**Excerpted records**
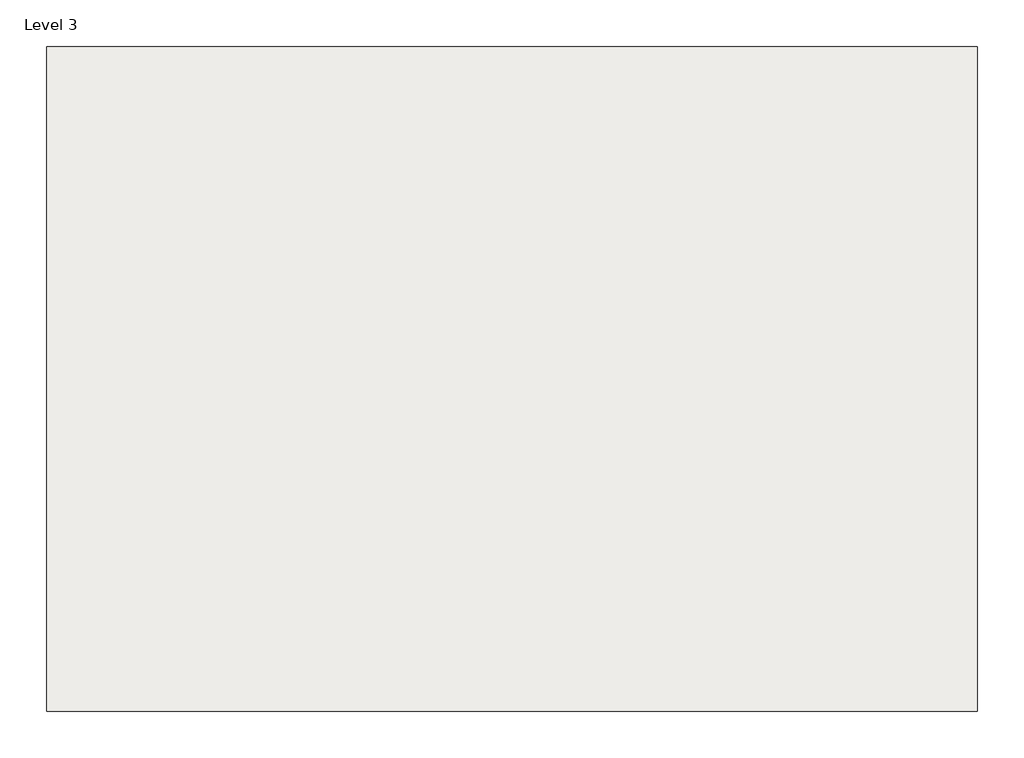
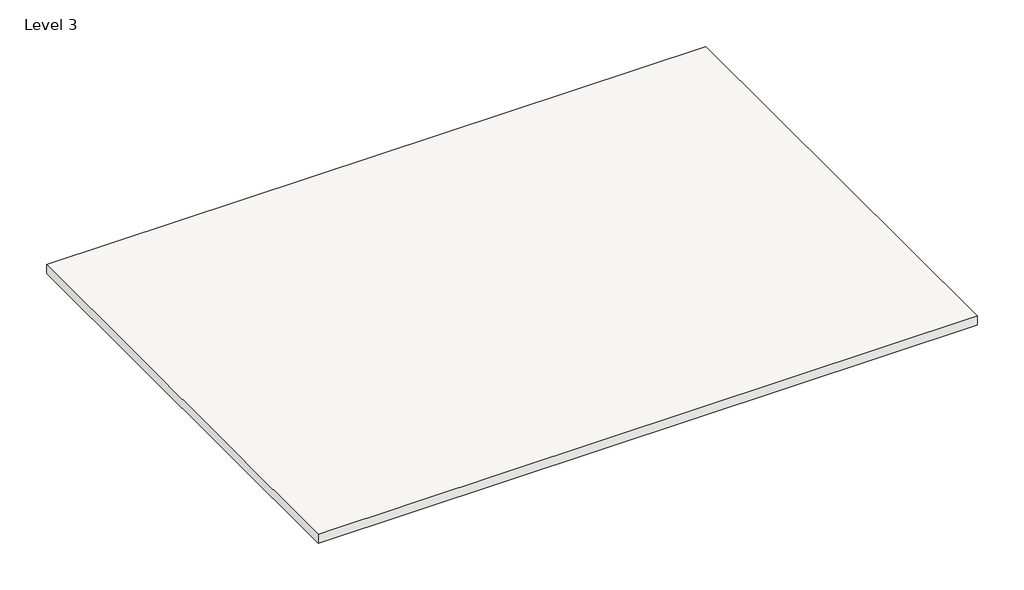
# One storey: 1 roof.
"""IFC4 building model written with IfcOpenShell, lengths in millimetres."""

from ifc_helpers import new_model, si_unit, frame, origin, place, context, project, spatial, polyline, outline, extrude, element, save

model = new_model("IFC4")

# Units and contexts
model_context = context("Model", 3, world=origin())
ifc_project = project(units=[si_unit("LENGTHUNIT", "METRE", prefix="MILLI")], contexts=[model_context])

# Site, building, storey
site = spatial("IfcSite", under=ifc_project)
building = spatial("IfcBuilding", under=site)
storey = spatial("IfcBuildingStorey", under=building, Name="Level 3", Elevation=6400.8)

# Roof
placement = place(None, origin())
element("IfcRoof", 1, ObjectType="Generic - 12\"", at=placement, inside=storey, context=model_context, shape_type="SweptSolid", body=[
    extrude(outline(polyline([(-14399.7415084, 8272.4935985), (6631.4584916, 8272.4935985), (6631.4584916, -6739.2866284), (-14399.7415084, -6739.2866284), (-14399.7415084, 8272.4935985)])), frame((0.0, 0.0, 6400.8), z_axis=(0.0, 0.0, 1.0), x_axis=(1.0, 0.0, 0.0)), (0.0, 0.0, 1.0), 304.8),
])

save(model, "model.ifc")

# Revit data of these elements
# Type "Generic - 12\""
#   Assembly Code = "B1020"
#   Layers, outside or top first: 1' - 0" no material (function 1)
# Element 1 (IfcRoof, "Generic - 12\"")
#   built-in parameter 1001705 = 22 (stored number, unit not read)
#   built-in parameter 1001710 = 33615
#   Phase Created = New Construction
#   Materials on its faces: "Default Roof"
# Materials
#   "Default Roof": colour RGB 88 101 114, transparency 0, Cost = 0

**Instructions for the task**
Whenever "save" occurs in a line above, copy that line.

**Written reply**
from ifc_helpers import new_model, si_unit, frame, origin, place, context, project, spatial, polyline, outline, extrude, element, save
save(model, "model.ifc")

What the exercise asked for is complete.